Work request
Gather each line containing the string "subcontext" from these entries.

Available data START

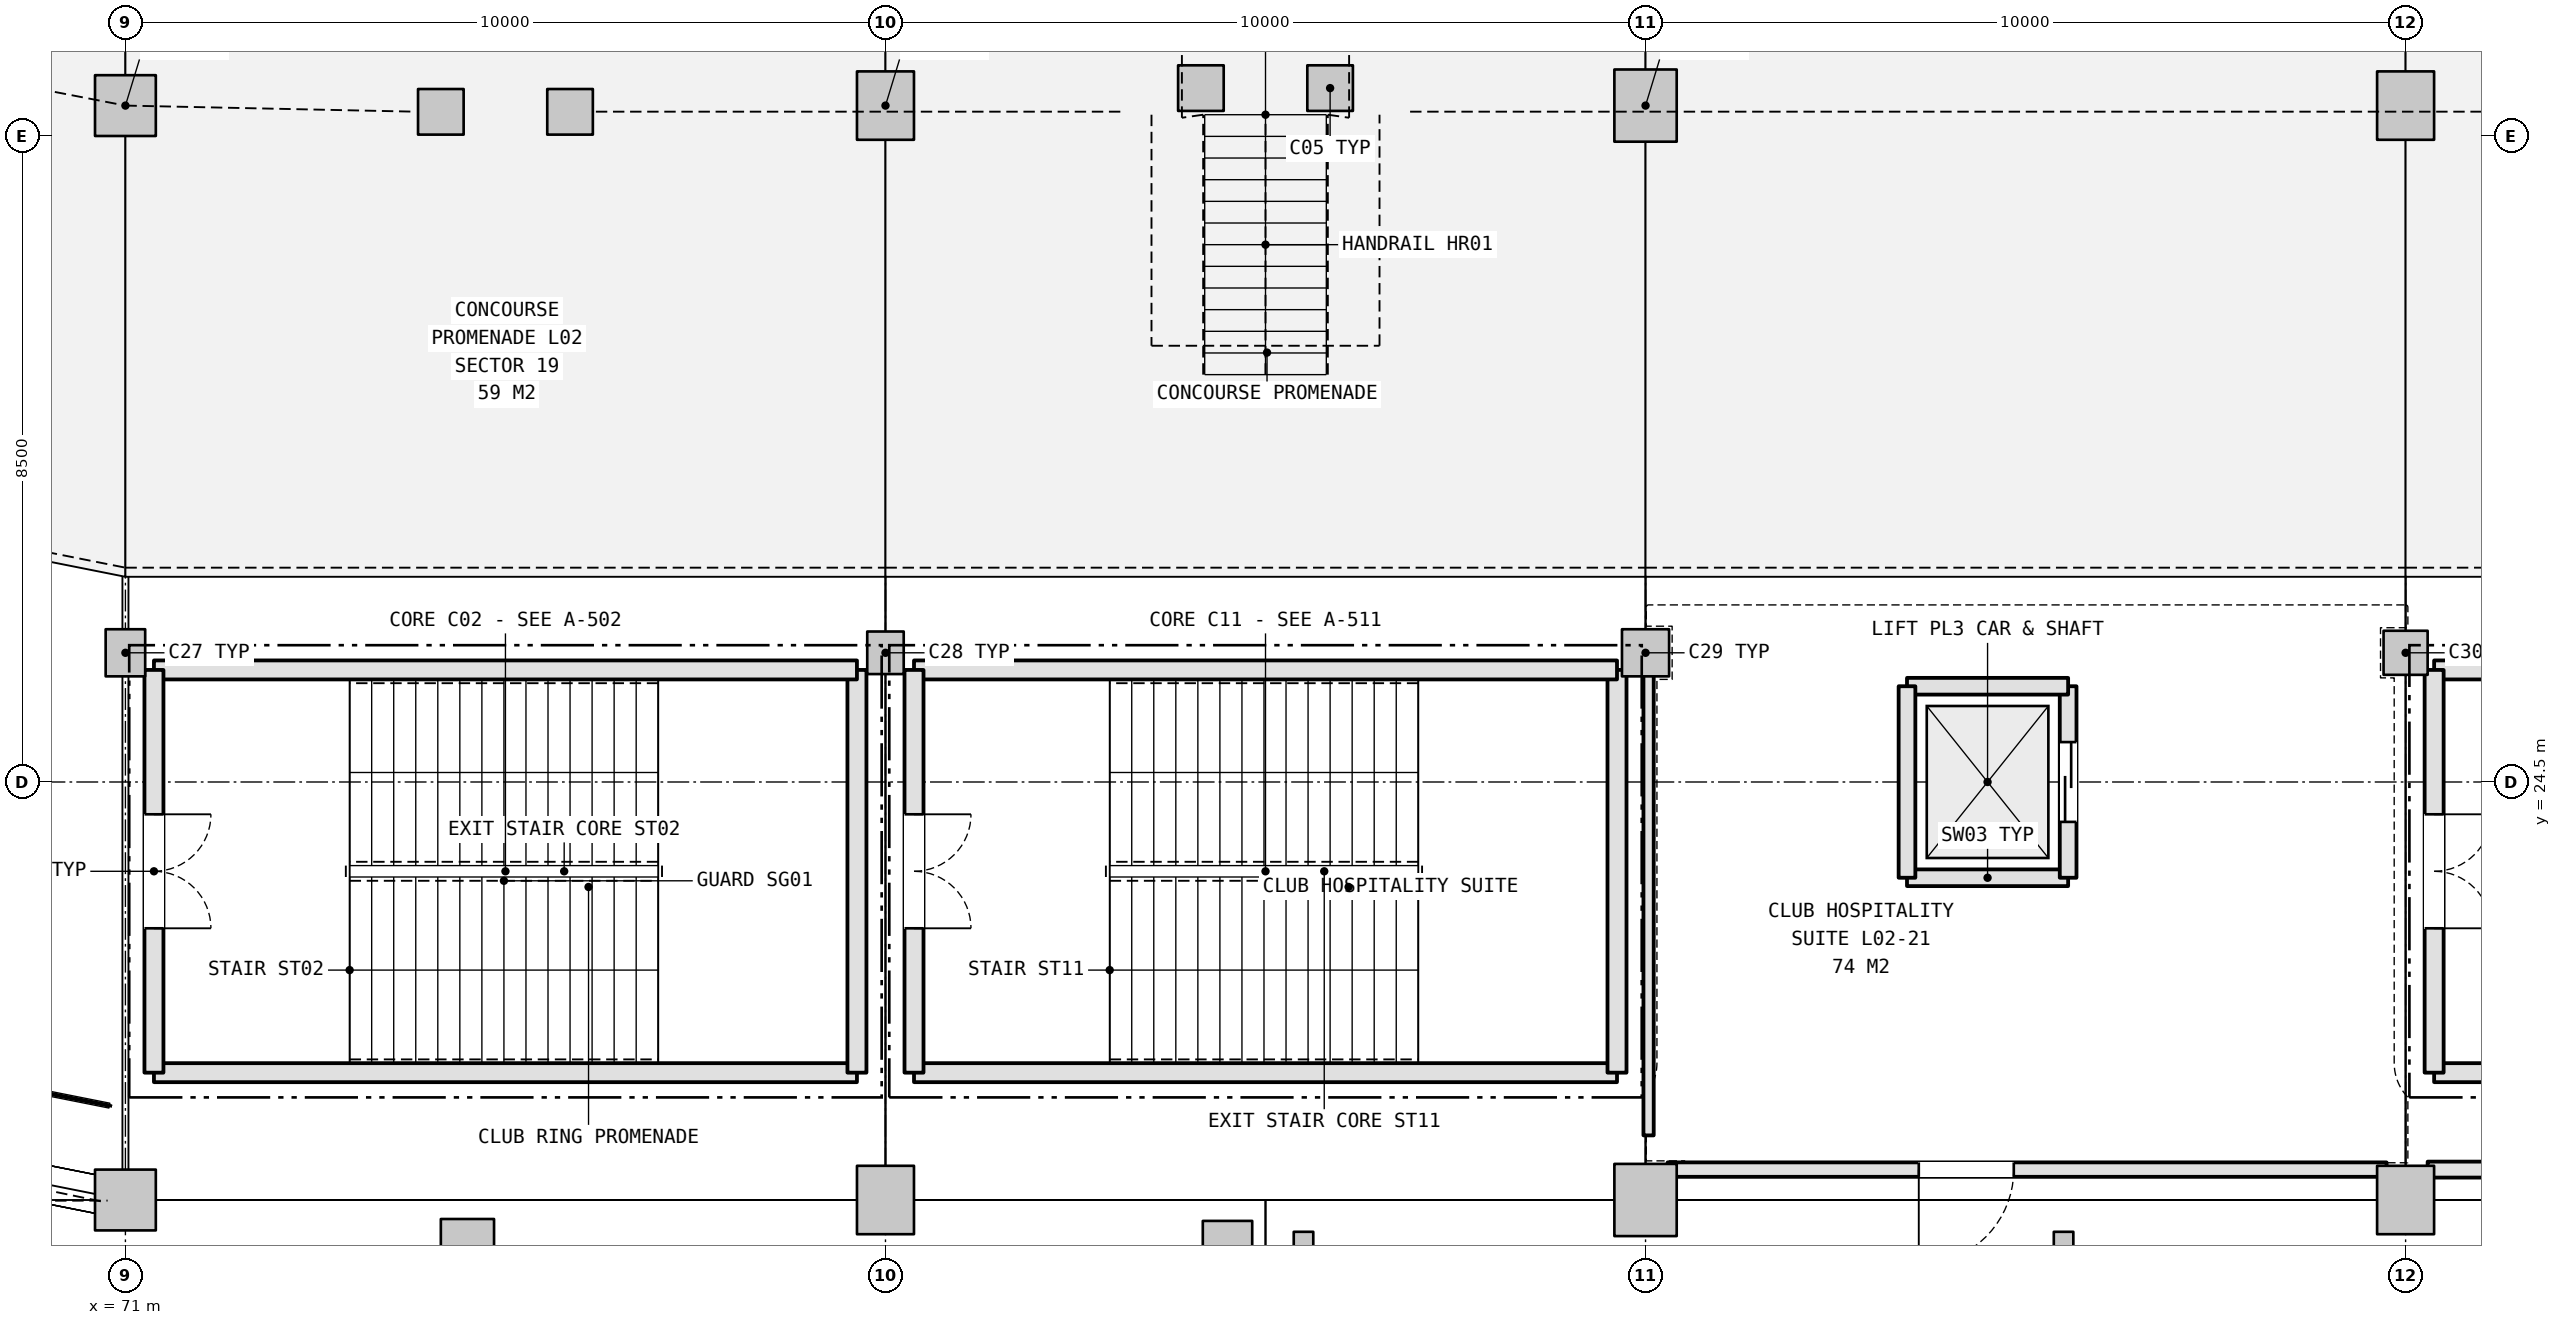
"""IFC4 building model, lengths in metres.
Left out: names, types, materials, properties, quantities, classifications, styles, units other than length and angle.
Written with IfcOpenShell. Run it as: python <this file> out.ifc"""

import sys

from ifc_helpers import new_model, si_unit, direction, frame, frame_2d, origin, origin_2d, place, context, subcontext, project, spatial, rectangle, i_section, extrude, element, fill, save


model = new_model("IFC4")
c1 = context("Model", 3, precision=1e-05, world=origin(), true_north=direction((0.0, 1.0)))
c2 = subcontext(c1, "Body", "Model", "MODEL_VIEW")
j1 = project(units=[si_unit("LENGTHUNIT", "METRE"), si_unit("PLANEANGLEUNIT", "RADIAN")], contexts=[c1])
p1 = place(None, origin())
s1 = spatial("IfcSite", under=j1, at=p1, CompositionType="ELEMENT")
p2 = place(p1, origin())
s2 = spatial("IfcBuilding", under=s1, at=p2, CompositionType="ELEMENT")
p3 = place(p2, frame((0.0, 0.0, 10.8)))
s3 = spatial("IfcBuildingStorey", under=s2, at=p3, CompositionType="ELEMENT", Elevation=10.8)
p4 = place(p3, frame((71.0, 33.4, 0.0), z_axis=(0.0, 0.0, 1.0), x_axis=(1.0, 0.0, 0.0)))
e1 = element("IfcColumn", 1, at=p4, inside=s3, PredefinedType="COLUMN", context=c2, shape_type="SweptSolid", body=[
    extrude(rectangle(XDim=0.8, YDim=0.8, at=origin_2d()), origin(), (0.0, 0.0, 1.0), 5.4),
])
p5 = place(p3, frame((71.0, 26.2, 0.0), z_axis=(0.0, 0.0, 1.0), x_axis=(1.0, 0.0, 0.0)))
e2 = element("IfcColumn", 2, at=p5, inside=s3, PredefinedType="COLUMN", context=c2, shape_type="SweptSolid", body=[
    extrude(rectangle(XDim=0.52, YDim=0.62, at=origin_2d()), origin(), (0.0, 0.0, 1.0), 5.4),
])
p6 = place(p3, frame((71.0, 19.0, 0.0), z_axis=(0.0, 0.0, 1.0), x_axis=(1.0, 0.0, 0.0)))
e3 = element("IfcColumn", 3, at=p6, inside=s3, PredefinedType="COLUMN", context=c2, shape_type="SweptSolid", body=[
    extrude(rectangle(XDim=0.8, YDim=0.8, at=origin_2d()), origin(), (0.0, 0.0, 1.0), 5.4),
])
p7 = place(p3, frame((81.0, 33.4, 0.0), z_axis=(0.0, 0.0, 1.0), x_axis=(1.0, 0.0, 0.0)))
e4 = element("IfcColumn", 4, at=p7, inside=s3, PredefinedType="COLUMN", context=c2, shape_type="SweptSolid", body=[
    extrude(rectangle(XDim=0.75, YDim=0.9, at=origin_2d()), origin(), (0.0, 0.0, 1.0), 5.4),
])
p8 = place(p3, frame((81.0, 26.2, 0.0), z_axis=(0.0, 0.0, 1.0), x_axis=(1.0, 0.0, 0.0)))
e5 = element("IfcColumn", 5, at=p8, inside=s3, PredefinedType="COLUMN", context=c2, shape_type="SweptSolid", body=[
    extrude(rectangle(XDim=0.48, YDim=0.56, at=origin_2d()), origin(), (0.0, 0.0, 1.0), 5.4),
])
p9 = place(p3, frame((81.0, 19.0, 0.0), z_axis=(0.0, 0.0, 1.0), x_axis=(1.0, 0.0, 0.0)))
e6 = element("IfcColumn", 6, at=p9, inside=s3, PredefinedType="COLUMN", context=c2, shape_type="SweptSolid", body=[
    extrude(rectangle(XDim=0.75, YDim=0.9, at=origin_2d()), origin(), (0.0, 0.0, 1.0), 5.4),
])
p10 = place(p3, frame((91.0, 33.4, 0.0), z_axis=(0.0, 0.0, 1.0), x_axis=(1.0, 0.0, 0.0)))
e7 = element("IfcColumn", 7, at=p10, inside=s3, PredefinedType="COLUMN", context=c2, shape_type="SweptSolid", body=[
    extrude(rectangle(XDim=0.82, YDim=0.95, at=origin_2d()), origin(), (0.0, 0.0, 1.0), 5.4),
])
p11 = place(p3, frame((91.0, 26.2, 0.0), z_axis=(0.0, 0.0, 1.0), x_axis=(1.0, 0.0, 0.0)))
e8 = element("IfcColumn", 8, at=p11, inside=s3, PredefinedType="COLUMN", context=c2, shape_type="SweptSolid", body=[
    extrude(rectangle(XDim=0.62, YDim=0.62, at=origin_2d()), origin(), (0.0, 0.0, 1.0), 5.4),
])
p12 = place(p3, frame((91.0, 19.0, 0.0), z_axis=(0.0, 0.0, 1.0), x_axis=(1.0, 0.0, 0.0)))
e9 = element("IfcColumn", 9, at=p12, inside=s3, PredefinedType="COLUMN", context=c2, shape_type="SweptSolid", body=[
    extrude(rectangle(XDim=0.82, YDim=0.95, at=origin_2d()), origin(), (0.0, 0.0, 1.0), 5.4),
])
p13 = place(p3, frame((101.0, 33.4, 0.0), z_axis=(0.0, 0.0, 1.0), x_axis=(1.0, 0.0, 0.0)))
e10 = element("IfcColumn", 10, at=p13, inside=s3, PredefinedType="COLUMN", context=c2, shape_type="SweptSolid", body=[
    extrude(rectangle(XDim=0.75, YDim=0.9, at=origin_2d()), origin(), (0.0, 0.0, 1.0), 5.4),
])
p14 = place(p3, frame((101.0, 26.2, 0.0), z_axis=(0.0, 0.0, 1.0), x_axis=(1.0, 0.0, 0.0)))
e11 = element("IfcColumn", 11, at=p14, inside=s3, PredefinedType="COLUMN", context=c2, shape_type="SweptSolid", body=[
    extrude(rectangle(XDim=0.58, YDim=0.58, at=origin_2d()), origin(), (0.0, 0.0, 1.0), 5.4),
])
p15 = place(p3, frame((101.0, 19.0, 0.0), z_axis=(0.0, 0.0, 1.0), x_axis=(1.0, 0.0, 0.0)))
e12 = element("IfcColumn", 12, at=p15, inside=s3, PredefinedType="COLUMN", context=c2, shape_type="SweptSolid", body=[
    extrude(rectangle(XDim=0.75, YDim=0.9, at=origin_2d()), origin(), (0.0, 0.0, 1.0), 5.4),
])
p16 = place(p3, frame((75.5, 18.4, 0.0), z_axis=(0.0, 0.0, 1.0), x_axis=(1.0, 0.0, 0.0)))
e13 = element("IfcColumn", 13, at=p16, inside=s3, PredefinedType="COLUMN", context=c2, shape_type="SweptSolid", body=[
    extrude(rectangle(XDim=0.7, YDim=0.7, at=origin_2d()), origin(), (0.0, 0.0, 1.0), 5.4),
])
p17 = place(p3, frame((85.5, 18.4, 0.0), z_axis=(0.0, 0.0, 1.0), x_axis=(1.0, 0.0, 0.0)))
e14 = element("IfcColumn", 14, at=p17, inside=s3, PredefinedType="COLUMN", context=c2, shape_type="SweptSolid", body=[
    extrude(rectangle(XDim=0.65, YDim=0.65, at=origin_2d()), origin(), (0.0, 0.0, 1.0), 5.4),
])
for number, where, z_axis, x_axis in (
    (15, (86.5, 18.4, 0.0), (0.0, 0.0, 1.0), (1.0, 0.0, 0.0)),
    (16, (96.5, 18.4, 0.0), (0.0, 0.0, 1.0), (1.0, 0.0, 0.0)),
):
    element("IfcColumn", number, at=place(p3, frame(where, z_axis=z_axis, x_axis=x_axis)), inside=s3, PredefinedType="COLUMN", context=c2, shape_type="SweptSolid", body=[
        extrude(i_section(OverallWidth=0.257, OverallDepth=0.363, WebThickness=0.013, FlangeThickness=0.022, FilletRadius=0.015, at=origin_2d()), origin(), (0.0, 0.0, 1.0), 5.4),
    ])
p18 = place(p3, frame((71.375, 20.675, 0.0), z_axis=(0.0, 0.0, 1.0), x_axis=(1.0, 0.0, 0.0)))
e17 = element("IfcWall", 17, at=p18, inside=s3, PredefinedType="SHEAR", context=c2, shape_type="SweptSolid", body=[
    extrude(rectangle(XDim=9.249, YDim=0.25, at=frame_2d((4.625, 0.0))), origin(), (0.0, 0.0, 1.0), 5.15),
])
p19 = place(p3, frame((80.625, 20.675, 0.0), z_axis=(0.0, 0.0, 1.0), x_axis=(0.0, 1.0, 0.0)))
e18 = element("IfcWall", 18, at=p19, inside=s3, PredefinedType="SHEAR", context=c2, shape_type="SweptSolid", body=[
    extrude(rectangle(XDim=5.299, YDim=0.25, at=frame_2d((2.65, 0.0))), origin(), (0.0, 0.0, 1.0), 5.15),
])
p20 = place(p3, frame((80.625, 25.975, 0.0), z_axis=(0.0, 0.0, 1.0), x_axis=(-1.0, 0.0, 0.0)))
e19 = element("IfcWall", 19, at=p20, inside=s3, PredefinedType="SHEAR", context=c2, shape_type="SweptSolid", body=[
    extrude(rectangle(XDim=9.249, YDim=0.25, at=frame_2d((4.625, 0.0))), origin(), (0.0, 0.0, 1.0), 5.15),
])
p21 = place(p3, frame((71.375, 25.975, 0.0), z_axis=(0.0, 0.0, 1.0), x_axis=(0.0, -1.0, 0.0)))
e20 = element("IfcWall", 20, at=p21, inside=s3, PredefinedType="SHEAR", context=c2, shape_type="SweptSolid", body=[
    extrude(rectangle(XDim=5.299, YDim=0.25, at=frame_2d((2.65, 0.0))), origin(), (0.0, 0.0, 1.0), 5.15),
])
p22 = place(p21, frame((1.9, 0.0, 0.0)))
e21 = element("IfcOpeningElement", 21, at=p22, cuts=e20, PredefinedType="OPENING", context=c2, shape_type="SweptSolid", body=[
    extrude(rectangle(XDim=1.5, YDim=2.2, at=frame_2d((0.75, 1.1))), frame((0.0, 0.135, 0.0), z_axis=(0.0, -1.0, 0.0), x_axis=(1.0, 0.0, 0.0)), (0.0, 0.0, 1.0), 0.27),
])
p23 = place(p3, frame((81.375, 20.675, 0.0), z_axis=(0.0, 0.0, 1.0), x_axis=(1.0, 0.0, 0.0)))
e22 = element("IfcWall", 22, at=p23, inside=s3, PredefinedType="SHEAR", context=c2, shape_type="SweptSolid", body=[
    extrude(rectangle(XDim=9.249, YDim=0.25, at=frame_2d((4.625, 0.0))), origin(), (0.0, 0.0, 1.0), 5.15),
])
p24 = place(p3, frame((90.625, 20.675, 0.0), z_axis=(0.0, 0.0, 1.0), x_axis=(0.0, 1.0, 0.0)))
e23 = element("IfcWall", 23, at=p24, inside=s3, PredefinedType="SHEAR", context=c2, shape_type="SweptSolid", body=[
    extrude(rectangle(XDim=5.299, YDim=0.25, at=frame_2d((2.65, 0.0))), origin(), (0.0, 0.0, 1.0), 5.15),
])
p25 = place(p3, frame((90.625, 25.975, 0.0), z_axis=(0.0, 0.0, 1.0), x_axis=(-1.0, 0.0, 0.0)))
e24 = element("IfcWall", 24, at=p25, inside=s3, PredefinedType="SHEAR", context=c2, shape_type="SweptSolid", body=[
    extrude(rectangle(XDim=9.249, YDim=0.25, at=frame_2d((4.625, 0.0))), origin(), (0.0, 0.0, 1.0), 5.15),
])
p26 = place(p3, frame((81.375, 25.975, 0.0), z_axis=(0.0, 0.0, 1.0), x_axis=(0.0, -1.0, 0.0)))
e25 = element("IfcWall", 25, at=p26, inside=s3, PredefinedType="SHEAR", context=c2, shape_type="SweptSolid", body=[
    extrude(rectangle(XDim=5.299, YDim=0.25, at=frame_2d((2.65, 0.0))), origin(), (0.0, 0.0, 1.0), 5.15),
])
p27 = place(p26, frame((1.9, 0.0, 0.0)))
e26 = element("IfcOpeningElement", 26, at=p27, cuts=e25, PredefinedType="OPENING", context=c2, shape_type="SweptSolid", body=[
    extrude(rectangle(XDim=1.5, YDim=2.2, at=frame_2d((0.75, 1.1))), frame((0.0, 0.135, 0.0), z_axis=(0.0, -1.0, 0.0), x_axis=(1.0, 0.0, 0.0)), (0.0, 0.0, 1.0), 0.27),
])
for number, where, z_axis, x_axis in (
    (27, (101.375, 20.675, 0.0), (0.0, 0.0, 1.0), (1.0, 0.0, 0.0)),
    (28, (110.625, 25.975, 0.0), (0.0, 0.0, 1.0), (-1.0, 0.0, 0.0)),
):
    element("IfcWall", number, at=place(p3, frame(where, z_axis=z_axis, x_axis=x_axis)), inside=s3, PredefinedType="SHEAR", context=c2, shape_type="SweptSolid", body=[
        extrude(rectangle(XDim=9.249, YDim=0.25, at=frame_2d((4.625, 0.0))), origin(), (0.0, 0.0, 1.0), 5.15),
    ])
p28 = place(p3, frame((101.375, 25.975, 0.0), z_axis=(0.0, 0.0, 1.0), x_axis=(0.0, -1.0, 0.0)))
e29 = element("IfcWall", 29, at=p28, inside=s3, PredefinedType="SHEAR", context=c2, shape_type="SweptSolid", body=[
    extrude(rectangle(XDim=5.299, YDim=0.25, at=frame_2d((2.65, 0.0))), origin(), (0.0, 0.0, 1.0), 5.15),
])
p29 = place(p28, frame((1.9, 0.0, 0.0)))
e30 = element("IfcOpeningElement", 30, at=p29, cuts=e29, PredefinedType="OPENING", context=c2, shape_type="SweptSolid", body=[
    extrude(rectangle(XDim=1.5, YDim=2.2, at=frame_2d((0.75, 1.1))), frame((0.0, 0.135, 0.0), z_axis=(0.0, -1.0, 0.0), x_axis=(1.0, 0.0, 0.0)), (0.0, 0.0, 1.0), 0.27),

Available data END

Result
from ifc_helpers import new_model, si_unit, direction, frame, frame_2d, origin, origin_2d, place, context, subcontext, project, spatial, rectangle, i_section, extrude, element, fill, save
c2 = subcontext(c1, "Body", "Model", "MODEL_VIEW")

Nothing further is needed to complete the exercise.